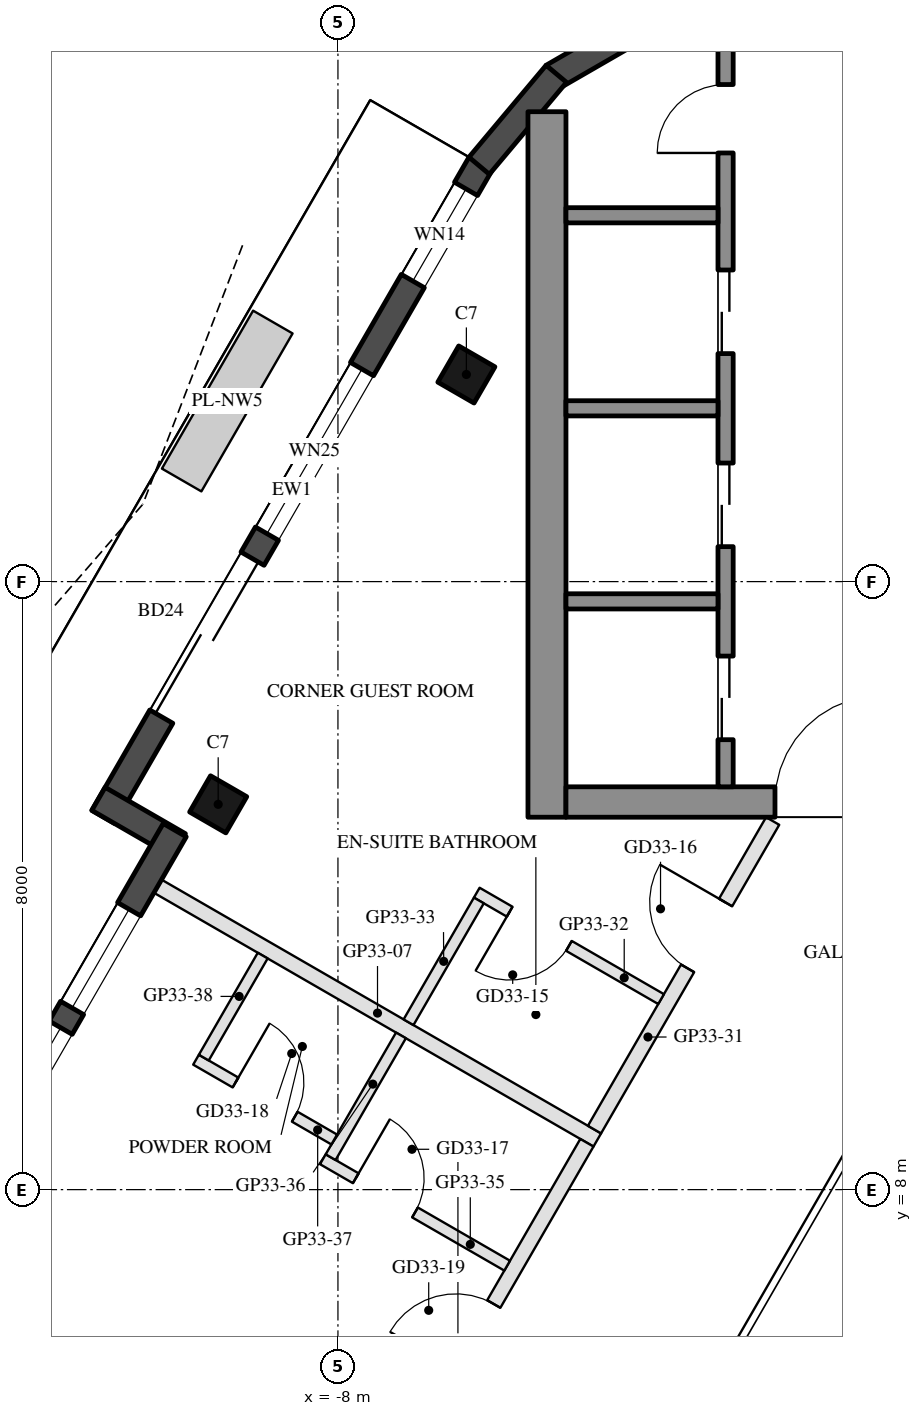
"""IFC4 building model, lengths in metres.
Left out: names, types, materials, properties, quantities, classifications, styles, units other than length and angle.
Written with IfcOpenShell. Run it as: python <this file> out.ifc"""

import sys

from ifc_helpers import new_model, si_unit, direction, frame, frame_2d, origin, origin_2d, place, context, subcontext, project, spatial, rectangle, hollow_rectangle, extrude, boolean, halfspace, element, fill, save


model = new_model("IFC4")
c1 = context("Model", 3, precision=1e-05, world=origin(), true_north=direction((0.0, 1.0)))
c2 = subcontext(c1, "Body", "Model", "MODEL_VIEW")
j1 = project(units=[si_unit("LENGTHUNIT", "METRE"), si_unit("PLANEANGLEUNIT", "RADIAN")], contexts=[c1])
p1 = place(None, origin())
s1 = spatial("IfcSite", under=j1, at=p1, CompositionType="ELEMENT")
p2 = place(p1, origin())
s2 = spatial("IfcBuilding", under=s1, at=p2, CompositionType="ELEMENT")
p3 = place(p2, frame((0.0, 0.0, 313.3)))
s3 = spatial("IfcBuildingStorey", under=s2, at=p3, CompositionType="ELEMENT", Elevation=313.3)
p4 = place(p3, frame((-6.31, 18.725, 0.0), z_axis=(0.0, 0.0, 1.0), x_axis=(0.5, 0.866025403784, 0.0)))
e1 = element("IfcColumn", 1, at=p4, inside=s3, PredefinedType="COLUMN", context=c2, shape_type="SweptSolid", body=[
    boolean("DIFFERENCE", extrude(hollow_rectangle(XDim=0.55, YDim=0.55, WallThickness=0.025, at=origin_2d()), origin(), (0.0, 0.0, 1.0), 3.7), halfspace(frame((0.0, 0.0, 0.04), z_axis=(0.0, 0.0, 1.0), x_axis=(1.0, 0.0, 0.0)), True)),
])
p5 = place(p3, frame((-9.576, 13.07, 0.0), z_axis=(0.0, 0.0, 1.0), x_axis=(0.5, 0.866025403784, 0.0)))
e2 = element("IfcColumn", 2, at=p5, inside=s3, PredefinedType="COLUMN", context=c2, shape_type="SweptSolid", body=[
    boolean("DIFFERENCE", extrude(hollow_rectangle(XDim=0.55, YDim=0.55, WallThickness=0.025, at=origin_2d()), origin(), (0.0, 0.0, 1.0), 3.7), halfspace(frame((0.0, 0.0, 0.034), z_axis=(0.0, 0.0, 1.0), x_axis=(1.0, 0.0, 0.0)), True)),
])
p6 = place(p3, frame((-6.125, 21.497, 0.0), z_axis=(0.0, 0.0, 1.0), x_axis=(-0.500002137087, -0.866024169933, 0.0)))
e3 = element("IfcWall", 3, at=p6, inside=s3, PredefinedType="SOLIDWALL", context=c2, shape_type="SweptSolid", body=[
    extrude(rectangle(XDim=9.924, YDim=0.35, at=frame_2d((4.962, 0.0))), origin(), (0.0, 0.0, 1.0), 3.55),
])
p7 = place(p6, frame((0.381, 0.0, 0.3)))
e4 = element("IfcOpeningElement", 4, at=p7, cuts=e3, PredefinedType="OPENING", context=c2, shape_type="SweptSolid", body=[
    extrude(rectangle(XDim=1.4, YDim=2.65, at=frame_2d((0.7, 1.325))), frame((0.0, 0.185, 0.0), z_axis=(0.0, -1.0, 0.0), x_axis=(1.0, 0.0, 0.0)), (0.0, 0.0, 1.0), 0.37),
])
p8 = place(p6, frame((5.999, 0.0, 0.0)))
e5 = element("IfcOpeningElement", 5, at=p8, cuts=e3, PredefinedType="OPENING", context=c2, shape_type="SweptSolid", body=[
    extrude(rectangle(XDim=2.4, YDim=2.4, at=frame_2d((1.2, 1.2))), frame((0.0, 0.185, 0.0), z_axis=(0.0, -1.0, 0.0), x_axis=(1.0, 0.0, 0.0)), (0.0, 0.0, 1.0), 0.37),
])
p9 = place(p6, frame((3.118, 0.0, 0.3)))
e6 = element("IfcOpeningElement", 6, at=p9, cuts=e3, PredefinedType="OPENING", context=c2, shape_type="SweptSolid", body=[
    extrude(rectangle(XDim=2.5, YDim=2.65, at=frame_2d((1.25, 1.325))), frame((0.0, 0.185, 0.0), z_axis=(0.0, -1.0, 0.0), x_axis=(1.0, 0.0, 0.0)), (0.0, 0.0, 1.0), 0.37),
])
p10 = place(p3, frame((-11.151, 13.142, 0.0), z_axis=(0.0, 0.0, 1.0), x_axis=(0.866005645448, -0.500034220881, 0.0)))
e7 = element("IfcWall", 7, at=p10, inside=s3, PredefinedType="SOLIDWALL", context=c2, shape_type="SweptSolid", body=[
    extrude(rectangle(XDim=1.22, YDim=0.35, at=frame_2d((0.61, 0.0))), origin(), (0.0, 0.0, 1.0), 3.55),
])
p11 = place(p3, frame((-10.147, 12.73, 0.0), z_axis=(0.0, 0.0, 1.0), x_axis=(-0.499996591357, -0.866027371756, 0.0)))
e8 = element("IfcWall", 8, at=p11, inside=s3, PredefinedType="SOLIDWALL", context=c2, shape_type="SweptSolid", body=[
    extrude(rectangle(XDim=5.371, YDim=0.35, at=frame_2d((2.685, 0.0))), origin(), (0.0, 0.0, 1.0), 3.55),
])
p12 = place(p11, frame((1.201, 0.0, 0.3)))
e9 = element("IfcOpeningElement", 9, at=p12, cuts=e8, PredefinedType="OPENING", context=c2, shape_type="SweptSolid", body=[
    extrude(rectangle(XDim=1.5, YDim=2.65, at=frame_2d((0.75, 1.325))), frame((0.0, 0.185, 0.0), z_axis=(0.0, -1.0, 0.0), x_axis=(1.0, 0.0, 0.0)), (0.0, 0.0, 1.0), 0.37),
])
p13 = place(p11, frame((3.001, 0.0, 0.3)))
e10 = element("IfcOpeningElement", 10, at=p13, cuts=e8, PredefinedType="OPENING", context=c2, shape_type="SweptSolid", body=[
    extrude(rectangle(XDim=1.5, YDim=2.65, at=frame_2d((0.75, 1.325))), frame((0.0, 0.185, 0.0), z_axis=(0.0, -1.0, 0.0), x_axis=(1.0, 0.0, 0.0)), (0.0, 0.0, 1.0), 0.37),
])
for number, where, z_axis, x_axis in (
    (11, (-3.806, 23.432, 0.0), (0.0, 0.0, 1.0), (-0.866, -0.5, 0.0)),
    (12, (-5.127, 22.681, 0.0), (0.0, 0.0, 1.0), (-0.643, -0.766, 0.0)),
):
    element("IfcWall", number, at=place(p3, frame(where, z_axis=z_axis, x_axis=x_axis)), inside=s3, PredefinedType="SOLIDWALL", context=c2, shape_type="SweptSolid", body=[
        extrude(rectangle(XDim=1.579, YDim=0.35, at=frame_2d((0.79, 0.0))), origin(), (0.0, 0.0, 1.0), 3.55),
    ])
p14 = place(p3, frame((-5.25, 12.9, 0.0), z_axis=(0.0, 0.0, 1.0), x_axis=(0.0, 1.0, 0.0)))
e13 = element("IfcWall", 13, at=p14, inside=s3, PredefinedType="SHEAR", context=c2, shape_type="SweptSolid", body=[
    extrude(rectangle(XDim=9.283, YDim=0.5, at=frame_2d((4.641, 0.0))), origin(), (0.0, 0.0, 1.0), 3.5),
])
p15 = place(p3, frame((5.0, 13.1, 0.0), z_axis=(0.0, 0.0, 1.0), x_axis=(-1.0, 0.0, 0.0)))
e14 = element("IfcWall", 14, at=p15, inside=s3, PredefinedType="SHEAR", context=c2, shape_type="SweptSolid", body=[
    extrude(rectangle(XDim=10.0, YDim=0.4, at=frame_2d((5.0, 0.0))), origin(), (0.0, 0.0, 1.0), 3.5),
])
p16 = place(p15, frame((3.55, 0.0, 0.0)))
e15 = element("IfcOpeningElement", 15, at=p16, cuts=e14, PredefinedType="OPENING", context=c2, shape_type="SweptSolid", body=[
    extrude(rectangle(XDim=1.1, YDim=2.1, at=frame_2d((0.55, 1.05))), frame((0.0, 0.21, 0.0), z_axis=(0.0, -1.0, 0.0), x_axis=(1.0, 0.0, 0.0)), (0.0, 0.0, 1.0), 0.42),
])
p17 = place(p15, frame((5.85, 0.0, 0.0)))
e16 = element("IfcOpeningElement", 16, at=p17, cuts=e14, PredefinedType="OPENING", context=c2, shape_type="SweptSolid", body=[
    extrude(rectangle(XDim=1.4, YDim=2.1, at=frame_2d((0.7, 1.05))), frame((0.0, 0.21, 0.0), z_axis=(0.0, -1.0, 0.0), x_axis=(1.0, 0.0, 0.0)), (0.0, 0.0, 1.0), 0.42),
])
p18 = place(p3, frame((-2.9, 13.3, 0.0), z_axis=(0.0, 0.0, 1.0), x_axis=(0.0, 1.0, 0.0)))
e17 = element("IfcWall", 17, at=p18, inside=s3, PredefinedType="SHEAR", context=c2, shape_type="SweptSolid", body=[
    extrude(rectangle(XDim=10.121, YDim=0.2, at=frame_2d((5.061, 0.0))), origin(), (0.0, 0.0, 1.0), 3.5),
])
p19 = place(p18, frame((0.62, 0.0, 0.0)))
e18 = element("IfcOpeningElement", 18, at=p19, cuts=e17, PredefinedType="OPENING", context=c2, shape_type="SweptSolid", body=[
    extrude(rectangle(XDim=1.1, YDim=2.1, at=frame_2d((0.55, 1.05))), frame((0.0, 0.11, 0.0), z_axis=(0.0, -1.0, 0.0), x_axis=(1.0, 0.0, 0.0)), (0.0, 0.0, 1.0), 0.22),
])
p20 = place(p18, frame((3.16, 0.0, 0.0)))
e19 = element("IfcOpeningElement", 19, at=p20, cuts=e17, PredefinedType="OPENING", context=c2, shape_type="SweptSolid", body=[
    extrude(rectangle(XDim=1.1, YDim=2.1, at=frame_2d((0.55, 1.05))), frame((0.0, 0.11, 0.0), z_axis=(0.0, -1.0, 0.0), x_axis=(1.0, 0.0, 0.0)), (0.0, 0.0, 1.0), 0.22),
])
p21 = place(p18, frame((5.7, 0.0, 0.0)))
e20 = element("IfcOpeningElement", 20, at=p21, cuts=e17, PredefinedType="OPENING", context=c2, shape_type="SweptSolid", body=[
    extrude(rectangle(XDim=1.1, YDim=2.1, at=frame_2d((0.55, 1.05))), frame((0.0, 0.11, 0.0), z_axis=(0.0, -1.0, 0.0), x_axis=(1.0, 0.0, 0.0)), (0.0, 0.0, 1.0), 0.22),
])
p22 = place(p18, frame((8.34, 0.0, 0.0)))
e21 = element("IfcOpeningElement", 21, at=p22, cuts=e17, PredefinedType="OPENING", context=c2, shape_type="SweptSolid", body=[
    extrude(rectangle(XDim=0.9, YDim=2.1, at=frame_2d((0.45, 1.05))), frame((0.0, 0.11, 0.0), z_axis=(0.0, -1.0, 0.0), x_axis=(1.0, 0.0, 0.0)), (0.0, 0.0, 1.0), 0.22),
])
for number, where, z_axis, x_axis in (
    (22, (-3.0, 15.74, 0.0), (0.0, 0.0, 1.0), (-1.0, 0.0, 0.0)),
    (23, (-3.0, 18.28, 0.0), (0.0, 0.0, 1.0), (-1.0, 0.0, 0.0)),
    (24, (-3.0, 20.82, 0.0), (0.0, 0.0, 1.0), (-1.0, 0.0, 0.0)),
):
    element("IfcWall", number, at=place(p3, frame(where, z_axis=z_axis, x_axis=x_axis)), inside=s3, PredefinedType="SHEAR", context=c2, shape_type="SweptSolid", body=[
        extrude(rectangle(XDim=2.0, YDim=0.2, at=frame_2d((1.0, 0.0))), origin(), (0.0, 0.0, 1.0), 3.5),
    ])
p23 = place(p3, frame((-10.371, 11.992, 0.0), z_axis=(0.0, 0.0, 1.0), x_axis=(0.866020588255, -0.50000834065, 0.0)))
e25 = element("IfcWall", 25, at=p23, inside=s3, PredefinedType="PARTITIONING", context=c2, shape_type="SweptSolid", body=[
    extrude(rectangle(XDim=6.678, YDim=0.2, at=frame_2d((3.339, 0.0))), origin(), (0.0, 0.0, 1.0), 3.16),
])
p24 = place(p3, frame((-4.625, 8.79, 0.0), z_axis=(0.0, 0.0, 1.0), x_axis=(0.499964368059, 0.866045974918, 0.0)))
e26 = element("IfcWall", 26, at=p24, inside=s3, PredefinedType="PARTITIONING", context=c2, shape_type="SweptSolid", body=[
    extrude(rectangle(XDim=4.688, YDim=0.2, at=frame_2d((2.344, 0.0))), origin(), (0.0, 0.0, 1.0), 3.1),
])
p25 = place(p24, frame((2.45, 0.0, 0.0)))
e27 = element("IfcOpeningElement", 27, at=p25, cuts=e26, PredefinedType="OPENING", context=c2, shape_type="SweptSolid", body=[
    extrude(rectangle(XDim=1.0, YDim=2.1, at=frame_2d((0.5, 1.05))), frame((0.0, 0.11, 0.0), z_axis=(0.0, -1.0, 0.0), x_axis=(1.0, 0.0, 0.0)), (0.0, 0.0, 1.0), 0.22),
])
p26 = place(p3, frame((-3.749, 10.507, 0.0), z_axis=(0.0, 0.0, 1.0), x_axis=(-0.866034573852, 0.49998411664, 0.0)))
e28 = element("IfcWall", 28, at=p26, inside=s3, PredefinedType="PARTITIONING", context=c2, shape_type="SweptSolid", body=[
    extrude(rectangle(XDim=2.8, YDim=0.15, at=frame_2d((1.4, 0.0))), origin(), (0.0, 0.0, 1.0), 3.55),
])
p27 = place(p26, frame((1.4, 0.0, 0.0)))
e29 = element("IfcOpeningElement", 29, at=p27, cuts=e28, PredefinedType="OPENING", context=c2, shape_type="SweptSolid", body=[
    extrude(rectangle(XDim=0.9, YDim=2.1, at=frame_2d((0.45, 1.05))), frame((0.0, 0.085, 0.0), z_axis=(0.0, -1.0, 0.0), x_axis=(1.0, 0.0, 0.0)), (0.0, 0.0, 1.0), 0.17),
])
p28 = place(p3, frame((-6.146, 11.805, 0.0), z_axis=(0.0, 0.0, 1.0), x_axis=(-0.499985172903, -0.866033964044, 0.0)))
e30 = element("IfcWall", 30, at=p28, inside=s3, PredefinedType="PARTITIONING", context=c2, shape_type="SweptSolid", body=[
    extrude(rectangle(XDim=1.85, YDim=0.15, at=frame_2d((0.925, 0.0))), origin(), (0.0, 0.0, 1.0), 3.1),
])
p29 = place(p3, frame((-9.815, -0.2, 0.0), z_axis=(0.0, 0.0, 1.0), x_axis=(0.499995091154, 0.866028237889, 0.0)))
e31 = element("IfcWall", 31, at=p29, inside=s3, PredefinedType="PARTITIONING", context=c2, shape_type="SweptSolid", body=[
    extrude(rectangle(XDim=10.18, YDim=0.2, at=frame_2d((5.09, 0.0))), origin(), (0.0, 0.0, 1.0), 3.1),
])
p30 = place(p29, frame((6.73, 0.0, 0.0)))
e32 = element("IfcOpeningElement", 32, at=p30, cuts=e31, PredefinedType="OPENING", context=c2, shape_type="SweptSolid", body=[
    extrude(rectangle(XDim=1.0, YDim=2.1, at=frame_2d((0.5, 1.05))), frame((0.0, 0.11, 0.0), z_axis=(0.0, -1.0, 0.0), x_axis=(1.0, 0.0, 0.0)), (0.0, 0.0, 1.0), 0.22),
])
p31 = place(p3, frame((-8.198, 8.4, 0.0), z_axis=(0.0, 0.0, 1.0), x_axis=(0.865996816683, -0.500049511043, 0.0)))
e33 = element("IfcWall", 33, at=p31, inside=s3, PredefinedType="PARTITIONING", context=c2, shape_type="SweptSolid", body=[
    extrude(rectangle(XDim=2.8, YDim=0.15, at=frame_2d((1.4, 0.0))), origin(), (0.0, 0.0, 1.0), 3.1),
])
p32 = place(p31, frame((0.5, 0.0, 0.0)))
e34 = element("IfcOpeningElement", 34, at=p32, cuts=e33, PredefinedType="OPENING", context=c2, shape_type="SweptSolid", body=[
    extrude(rectangle(XDim=0.9, YDim=2.1, at=frame_2d((0.45, 1.05))), frame((0.0, 0.085, 0.0), z_axis=(0.0, -1.0, 0.0), x_axis=(1.0, 0.0, 0.0)), (0.0, 0.0, 1.0), 0.17),
])
p33 = place(p3, frame((-7.171, 10.029, 0.0), z_axis=(0.0, 0.0, 1.0), x_axis=(-0.499985172903, -0.866033964044, 0.0)))
e35 = element("IfcWall", 35, at=p33, inside=s3, PredefinedType="PARTITIONING", context=c2, shape_type="SweptSolid", body=[
    extrude(rectangle(XDim=1.85, YDim=0.15, at=frame_2d((0.925, 0.0))), origin(), (0.0, 0.0, 1.0), 3.1),
])
p34 = place(p3, frame((-9.867, 9.709, 0.0), z_axis=(0.0, 0.0, 1.0), x_axis=(0.866009402589, -0.500027713859, 0.0)))
e36 = element("IfcWall", 36, at=p34, inside=s3, PredefinedType="PARTITIONING", context=c2, shape_type="SweptSolid", body=[
    extrude(rectangle(XDim=2.1, YDim=0.15, at=frame_2d((1.05, 0.0))), origin(), (0.0, 0.0, 1.0), 3.55),
])
p35 = place(p34, frame((0.6, 0.0, 0.0)))
e37 = element("IfcOpeningElement", 37, at=p35, cuts=e36, PredefinedType="OPENING", context=c2, shape_type="SweptSolid", body=[
    extrude(rectangle(XDim=0.9, YDim=2.1, at=frame_2d((0.45, 1.05))), frame((0.0, 0.085, 0.0), z_axis=(0.0, -1.0, 0.0), x_axis=(1.0, 0.0, 0.0)), (0.0, 0.0, 1.0), 0.17),
])
p36 = place(p3, frame((-8.99, 11.079, 0.0), z_axis=(0.0, 0.0, 1.0), x_axis=(-0.500086022567, -0.865975732936, 0.0)))
e38 = element("IfcWall", 38, at=p36, inside=s3, PredefinedType="PARTITIONING", context=c2, shape_type="SweptSolid", body=[
    extrude(rectangle(XDim=1.55, YDim=0.15, at=frame_2d((0.775, 0.0))), origin(), (0.0, 0.0, 1.0), 3.55),
])
p37 = place(p7, origin())
e39 = element("IfcWindow", 39, at=p37, inside=s3, PartitioningType="SINGLE_PANEL", PredefinedType="WINDOW", context=c2, shape_type="SweptSolid", body=[
    extrude(rectangle(XDim=1.4, YDim=2.65, at=frame_2d((0.7, 1.325))), frame((0.0, 0.03, 0.0), z_axis=(0.0, -1.0, 0.0), x_axis=(1.0, 0.0, 0.0)), (0.0, 0.0, 1.0), 0.06),
])
fill(e4, e39)
p38 = place(p8, frame((2.4, 0.0, 0.0), z_axis=(0.0, 0.0, 1.0), x_axis=(-1.0, 0.0, 0.0)))
e40 = element("IfcDoor", 40, at=p38, inside=s3, OperationType="SLIDING_TO_LEFT", PredefinedType="DOOR", context=c2, shape_type="SweptSolid", body=[
    extrude(rectangle(XDim=2.4, YDim=2.4, at=frame_2d((1.2, 1.2))), frame((0.0, 0.025, 0.0), z_axis=(0.0, -1.0, 0.0), x_axis=(1.0, 0.0, 0.0)), (0.0, 0.0, 1.0), 0.05),
])
fill(e5, e40)
p39 = place(p9, origin())
e41 = element("IfcWindow", 41, at=p39, inside=s3, PartitioningType="SINGLE_PANEL", PredefinedType="WINDOW", context=c2, shape_type="SweptSolid", body=[
    extrude(rectangle(XDim=2.5, YDim=2.65, at=frame_2d((1.25, 1.325))), frame((0.0, 0.03, 0.0), z_axis=(0.0, -1.0, 0.0), x_axis=(1.0, 0.0, 0.0)), (0.0, 0.0, 1.0), 0.06),
])
fill(e6, e41)
p40 = place(p12, origin())
e42 = element("IfcWindow", 42, at=p40, inside=s3, PartitioningType="SINGLE_PANEL", PredefinedType="WINDOW", context=c2, shape_type="SweptSolid", body=[
    extrude(rectangle(XDim=1.5, YDim=2.65, at=frame_2d((0.75, 1.325))), frame((0.0, 0.03, 0.0), z_axis=(0.0, -1.0, 0.0), x_axis=(1.0, 0.0, 0.0)), (0.0, 0.0, 1.0), 0.06),
])
fill(e9, e42)
p41 = place(p13, origin())
e43 = element("IfcWindow", 43, at=p41, inside=s3, PartitioningType="SINGLE_PANEL", PredefinedType="WINDOW", context=c2, shape_type="SweptSolid", body=[
    extrude(rectangle(XDim=1.5, YDim=2.65, at=frame_2d((0.75, 1.325))), frame((0.0, 0.03, 0.0), z_axis=(0.0, -1.0, 0.0), x_axis=(1.0, 0.0, 0.0)), (0.0, 0.0, 1.0), 0.06),
])
fill(e10, e43)
p42 = place(p19, origin())
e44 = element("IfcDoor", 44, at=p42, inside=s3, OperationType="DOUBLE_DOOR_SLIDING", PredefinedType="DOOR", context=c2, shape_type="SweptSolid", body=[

• Assignment
Looking at the entries above, count the lines that contain "WallThickness" and answer with only the number.

• The answer
2